» Task goal
Exact transcription, pictures omitted: reproduce the listing below.

» Input material
+ + + + + + +

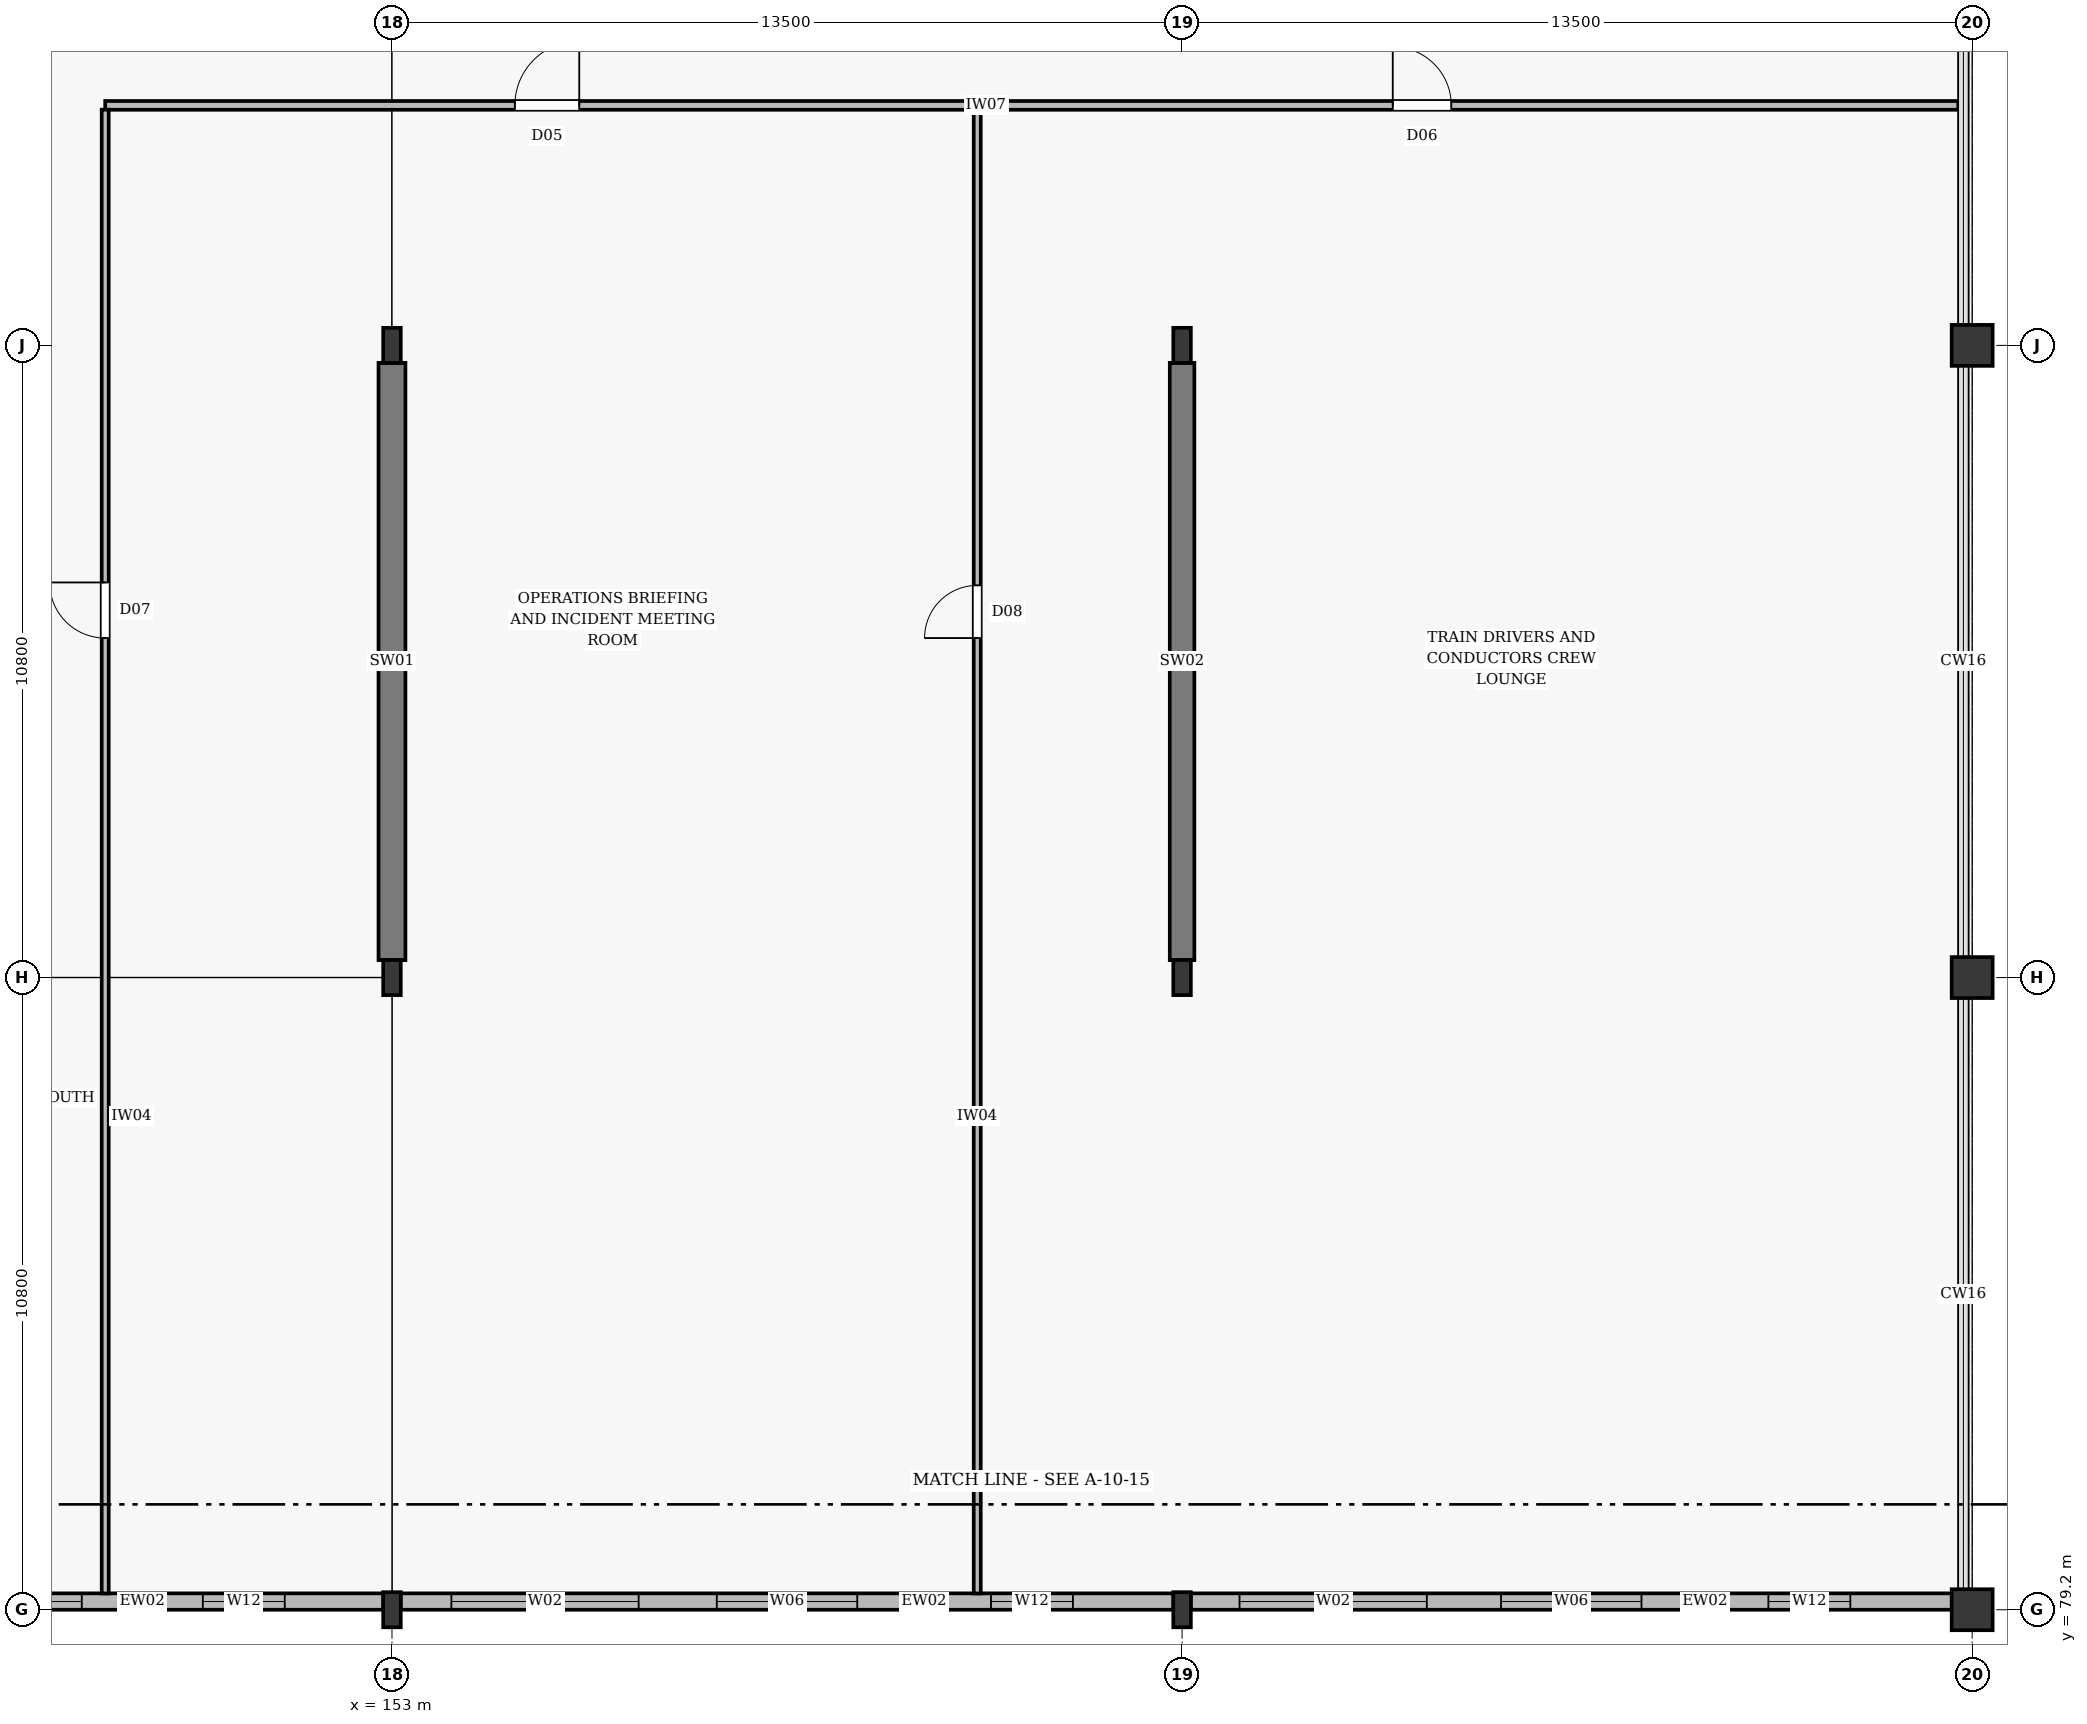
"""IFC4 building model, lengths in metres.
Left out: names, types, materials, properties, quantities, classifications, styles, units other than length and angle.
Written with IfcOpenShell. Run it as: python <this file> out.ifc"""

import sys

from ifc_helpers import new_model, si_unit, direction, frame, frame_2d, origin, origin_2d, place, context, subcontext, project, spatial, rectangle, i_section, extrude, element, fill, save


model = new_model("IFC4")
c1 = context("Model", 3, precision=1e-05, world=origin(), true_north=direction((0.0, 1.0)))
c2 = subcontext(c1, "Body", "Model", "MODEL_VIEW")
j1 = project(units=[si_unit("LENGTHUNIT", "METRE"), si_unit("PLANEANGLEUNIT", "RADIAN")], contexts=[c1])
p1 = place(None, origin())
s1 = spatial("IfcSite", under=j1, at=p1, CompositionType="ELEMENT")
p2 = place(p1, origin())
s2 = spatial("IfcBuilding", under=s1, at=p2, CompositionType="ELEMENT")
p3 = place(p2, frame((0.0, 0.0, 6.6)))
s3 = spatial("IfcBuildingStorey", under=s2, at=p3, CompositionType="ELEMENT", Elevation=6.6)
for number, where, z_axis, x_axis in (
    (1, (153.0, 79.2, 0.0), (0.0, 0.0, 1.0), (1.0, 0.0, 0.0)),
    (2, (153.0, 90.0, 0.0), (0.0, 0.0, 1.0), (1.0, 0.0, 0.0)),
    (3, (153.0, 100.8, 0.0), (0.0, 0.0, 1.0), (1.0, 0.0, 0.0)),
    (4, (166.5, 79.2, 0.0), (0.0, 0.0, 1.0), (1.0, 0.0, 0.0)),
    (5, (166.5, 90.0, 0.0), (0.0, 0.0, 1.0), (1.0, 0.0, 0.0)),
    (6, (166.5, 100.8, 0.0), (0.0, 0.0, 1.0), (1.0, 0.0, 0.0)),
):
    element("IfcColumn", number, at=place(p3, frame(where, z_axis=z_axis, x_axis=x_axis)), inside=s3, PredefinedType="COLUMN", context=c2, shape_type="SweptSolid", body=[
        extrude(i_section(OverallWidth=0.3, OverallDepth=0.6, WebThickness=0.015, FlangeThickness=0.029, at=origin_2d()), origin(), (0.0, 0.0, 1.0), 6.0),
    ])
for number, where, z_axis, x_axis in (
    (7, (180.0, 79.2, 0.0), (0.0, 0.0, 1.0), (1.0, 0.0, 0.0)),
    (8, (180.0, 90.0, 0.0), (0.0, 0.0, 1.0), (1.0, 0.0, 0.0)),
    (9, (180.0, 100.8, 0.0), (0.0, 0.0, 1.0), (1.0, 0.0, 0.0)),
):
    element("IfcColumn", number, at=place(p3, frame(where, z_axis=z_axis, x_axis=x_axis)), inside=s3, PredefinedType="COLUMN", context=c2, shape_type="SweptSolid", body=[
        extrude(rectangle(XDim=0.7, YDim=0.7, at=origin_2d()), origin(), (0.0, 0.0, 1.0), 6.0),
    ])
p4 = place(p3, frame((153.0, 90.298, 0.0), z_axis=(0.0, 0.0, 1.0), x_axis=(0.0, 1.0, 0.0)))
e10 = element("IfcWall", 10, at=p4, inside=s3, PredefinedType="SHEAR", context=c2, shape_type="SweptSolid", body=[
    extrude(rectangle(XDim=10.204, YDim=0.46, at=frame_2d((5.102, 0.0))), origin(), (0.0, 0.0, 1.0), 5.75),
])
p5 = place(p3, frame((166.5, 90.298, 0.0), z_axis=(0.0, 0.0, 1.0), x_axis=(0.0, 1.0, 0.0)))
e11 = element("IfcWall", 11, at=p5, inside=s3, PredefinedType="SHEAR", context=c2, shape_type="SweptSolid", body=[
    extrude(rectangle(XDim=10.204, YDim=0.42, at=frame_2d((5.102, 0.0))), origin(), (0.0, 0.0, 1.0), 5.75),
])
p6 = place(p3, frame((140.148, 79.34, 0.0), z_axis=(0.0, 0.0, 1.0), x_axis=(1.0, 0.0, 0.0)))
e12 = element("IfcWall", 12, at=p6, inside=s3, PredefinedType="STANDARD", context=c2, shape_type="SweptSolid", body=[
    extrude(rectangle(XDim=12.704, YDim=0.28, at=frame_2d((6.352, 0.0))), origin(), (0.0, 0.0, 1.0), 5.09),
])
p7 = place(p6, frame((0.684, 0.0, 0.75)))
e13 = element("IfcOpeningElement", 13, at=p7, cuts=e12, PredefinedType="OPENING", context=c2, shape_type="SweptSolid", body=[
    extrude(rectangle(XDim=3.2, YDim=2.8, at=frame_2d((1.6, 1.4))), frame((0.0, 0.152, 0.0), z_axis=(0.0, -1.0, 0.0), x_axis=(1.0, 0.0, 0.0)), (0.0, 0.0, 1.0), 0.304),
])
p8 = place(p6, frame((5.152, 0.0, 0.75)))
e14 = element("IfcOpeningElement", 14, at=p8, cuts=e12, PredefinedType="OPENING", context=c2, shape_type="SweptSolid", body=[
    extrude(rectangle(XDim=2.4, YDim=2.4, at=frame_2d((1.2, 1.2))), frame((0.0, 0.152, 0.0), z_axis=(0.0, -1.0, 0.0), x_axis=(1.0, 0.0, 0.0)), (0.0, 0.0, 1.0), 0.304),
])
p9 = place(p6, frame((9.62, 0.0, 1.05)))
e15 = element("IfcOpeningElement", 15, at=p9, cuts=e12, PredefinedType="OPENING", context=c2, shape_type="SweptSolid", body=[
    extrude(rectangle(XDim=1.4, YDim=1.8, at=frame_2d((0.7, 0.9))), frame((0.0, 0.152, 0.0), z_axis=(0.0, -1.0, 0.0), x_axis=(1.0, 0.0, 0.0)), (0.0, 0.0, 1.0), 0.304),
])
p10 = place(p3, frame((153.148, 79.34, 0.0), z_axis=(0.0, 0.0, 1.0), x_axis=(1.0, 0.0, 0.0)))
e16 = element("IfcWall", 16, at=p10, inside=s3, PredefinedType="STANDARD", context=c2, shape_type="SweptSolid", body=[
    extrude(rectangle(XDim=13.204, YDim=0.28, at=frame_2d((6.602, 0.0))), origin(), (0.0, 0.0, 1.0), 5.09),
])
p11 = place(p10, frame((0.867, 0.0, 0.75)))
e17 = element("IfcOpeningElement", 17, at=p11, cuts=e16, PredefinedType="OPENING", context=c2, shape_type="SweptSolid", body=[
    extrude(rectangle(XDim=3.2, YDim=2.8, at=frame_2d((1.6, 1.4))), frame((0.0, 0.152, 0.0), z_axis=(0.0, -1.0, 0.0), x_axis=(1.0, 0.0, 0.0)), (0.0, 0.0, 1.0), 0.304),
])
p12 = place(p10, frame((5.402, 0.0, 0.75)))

+ + + + + + +

» Result
"""IFC4 building model, lengths in metres.
Left out: names, types, materials, properties, quantities, classifications, styles, units other than length and angle.
Written with IfcOpenShell. Run it as: python <this file> out.ifc"""

import sys

from ifc_helpers import new_model, si_unit, direction, frame, frame_2d, origin, origin_2d, place, context, subcontext, project, spatial, rectangle, i_section, extrude, element, fill, save


model = new_model("IFC4")
c1 = context("Model", 3, precision=1e-05, world=origin(), true_north=direction((0.0, 1.0)))
c2 = subcontext(c1, "Body", "Model", "MODEL_VIEW")
j1 = project(units=[si_unit("LENGTHUNIT", "METRE"), si_unit("PLANEANGLEUNIT", "RADIAN")], contexts=[c1])
p1 = place(None, origin())
s1 = spatial("IfcSite", under=j1, at=p1, CompositionType="ELEMENT")
p2 = place(p1, origin())
s2 = spatial("IfcBuilding", under=s1, at=p2, CompositionType="ELEMENT")
p3 = place(p2, frame((0.0, 0.0, 6.6)))
s3 = spatial("IfcBuildingStorey", under=s2, at=p3, CompositionType="ELEMENT", Elevation=6.6)
for number, where, z_axis, x_axis in (
    (1, (153.0, 79.2, 0.0), (0.0, 0.0, 1.0), (1.0, 0.0, 0.0)),
    (2, (153.0, 90.0, 0.0), (0.0, 0.0, 1.0), (1.0, 0.0, 0.0)),
    (3, (153.0, 100.8, 0.0), (0.0, 0.0, 1.0), (1.0, 0.0, 0.0)),
    (4, (166.5, 79.2, 0.0), (0.0, 0.0, 1.0), (1.0, 0.0, 0.0)),
    (5, (166.5, 90.0, 0.0), (0.0, 0.0, 1.0), (1.0, 0.0, 0.0)),
    (6, (166.5, 100.8, 0.0), (0.0, 0.0, 1.0), (1.0, 0.0, 0.0)),
):
    element("IfcColumn", number, at=place(p3, frame(where, z_axis=z_axis, x_axis=x_axis)), inside=s3, PredefinedType="COLUMN", context=c2, shape_type="SweptSolid", body=[
        extrude(i_section(OverallWidth=0.3, OverallDepth=0.6, WebThickness=0.015, FlangeThickness=0.029, at=origin_2d()), origin(), (0.0, 0.0, 1.0), 6.0),
    ])
for number, where, z_axis, x_axis in (
    (7, (180.0, 79.2, 0.0), (0.0, 0.0, 1.0), (1.0, 0.0, 0.0)),
    (8, (180.0, 90.0, 0.0), (0.0, 0.0, 1.0), (1.0, 0.0, 0.0)),
    (9, (180.0, 100.8, 0.0), (0.0, 0.0, 1.0), (1.0, 0.0, 0.0)),
):
    element("IfcColumn", number, at=place(p3, frame(where, z_axis=z_axis, x_axis=x_axis)), inside=s3, PredefinedType="COLUMN", context=c2, shape_type="SweptSolid", body=[
        extrude(rectangle(XDim=0.7, YDim=0.7, at=origin_2d()), origin(), (0.0, 0.0, 1.0), 6.0),
    ])
p4 = place(p3, frame((153.0, 90.298, 0.0), z_axis=(0.0, 0.0, 1.0), x_axis=(0.0, 1.0, 0.0)))
e10 = element("IfcWall", 10, at=p4, inside=s3, PredefinedType="SHEAR", context=c2, shape_type="SweptSolid", body=[
    extrude(rectangle(XDim=10.204, YDim=0.46, at=frame_2d((5.102, 0.0))), origin(), (0.0, 0.0, 1.0), 5.75),
])
p5 = place(p3, frame((166.5, 90.298, 0.0), z_axis=(0.0, 0.0, 1.0), x_axis=(0.0, 1.0, 0.0)))
e11 = element("IfcWall", 11, at=p5, inside=s3, PredefinedType="SHEAR", context=c2, shape_type="SweptSolid", body=[
    extrude(rectangle(XDim=10.204, YDim=0.42, at=frame_2d((5.102, 0.0))), origin(), (0.0, 0.0, 1.0), 5.75),
])
p6 = place(p3, frame((140.148, 79.34, 0.0), z_axis=(0.0, 0.0, 1.0), x_axis=(1.0, 0.0, 0.0)))
e12 = element("IfcWall", 12, at=p6, inside=s3, PredefinedType="STANDARD", context=c2, shape_type="SweptSolid", body=[
    extrude(rectangle(XDim=12.704, YDim=0.28, at=frame_2d((6.352, 0.0))), origin(), (0.0, 0.0, 1.0), 5.09),
])
p7 = place(p6, frame((0.684, 0.0, 0.75)))
e13 = element("IfcOpeningElement", 13, at=p7, cuts=e12, PredefinedType="OPENING", context=c2, shape_type="SweptSolid", body=[
    extrude(rectangle(XDim=3.2, YDim=2.8, at=frame_2d((1.6, 1.4))), frame((0.0, 0.152, 0.0), z_axis=(0.0, -1.0, 0.0), x_axis=(1.0, 0.0, 0.0)), (0.0, 0.0, 1.0), 0.304),
])
p8 = place(p6, frame((5.152, 0.0, 0.75)))
e14 = element("IfcOpeningElement", 14, at=p8, cuts=e12, PredefinedType="OPENING", context=c2, shape_type="SweptSolid", body=[
    extrude(rectangle(XDim=2.4, YDim=2.4, at=frame_2d((1.2, 1.2))), frame((0.0, 0.152, 0.0), z_axis=(0.0, -1.0, 0.0), x_axis=(1.0, 0.0, 0.0)), (0.0, 0.0, 1.0), 0.304),
])
p9 = place(p6, frame((9.62, 0.0, 1.05)))
e15 = element("IfcOpeningElement", 15, at=p9, cuts=e12, PredefinedType="OPENING", context=c2, shape_type="SweptSolid", body=[
    extrude(rectangle(XDim=1.4, YDim=1.8, at=frame_2d((0.7, 0.9))), frame((0.0, 0.152, 0.0), z_axis=(0.0, -1.0, 0.0), x_axis=(1.0, 0.0, 0.0)), (0.0, 0.0, 1.0), 0.304),
])
p10 = place(p3, frame((153.148, 79.34, 0.0), z_axis=(0.0, 0.0, 1.0), x_axis=(1.0, 0.0, 0.0)))
e16 = element("IfcWall", 16, at=p10, inside=s3, PredefinedType="STANDARD", context=c2, shape_type="SweptSolid", body=[
    extrude(rectangle(XDim=13.204, YDim=0.28, at=frame_2d((6.602, 0.0))), origin(), (0.0, 0.0, 1.0), 5.09),
])
p11 = place(p10, frame((0.867, 0.0, 0.75)))
e17 = element("IfcOpeningElement", 17, at=p11, cuts=e16, PredefinedType="OPENING", context=c2, shape_type="SweptSolid", body=[
    extrude(rectangle(XDim=3.2, YDim=2.8, at=frame_2d((1.6, 1.4))), frame((0.0, 0.152, 0.0), z_axis=(0.0, -1.0, 0.0), x_axis=(1.0, 0.0, 0.0)), (0.0, 0.0, 1.0), 0.304),
])
p12 = place(p10, frame((5.402, 0.0, 0.75)))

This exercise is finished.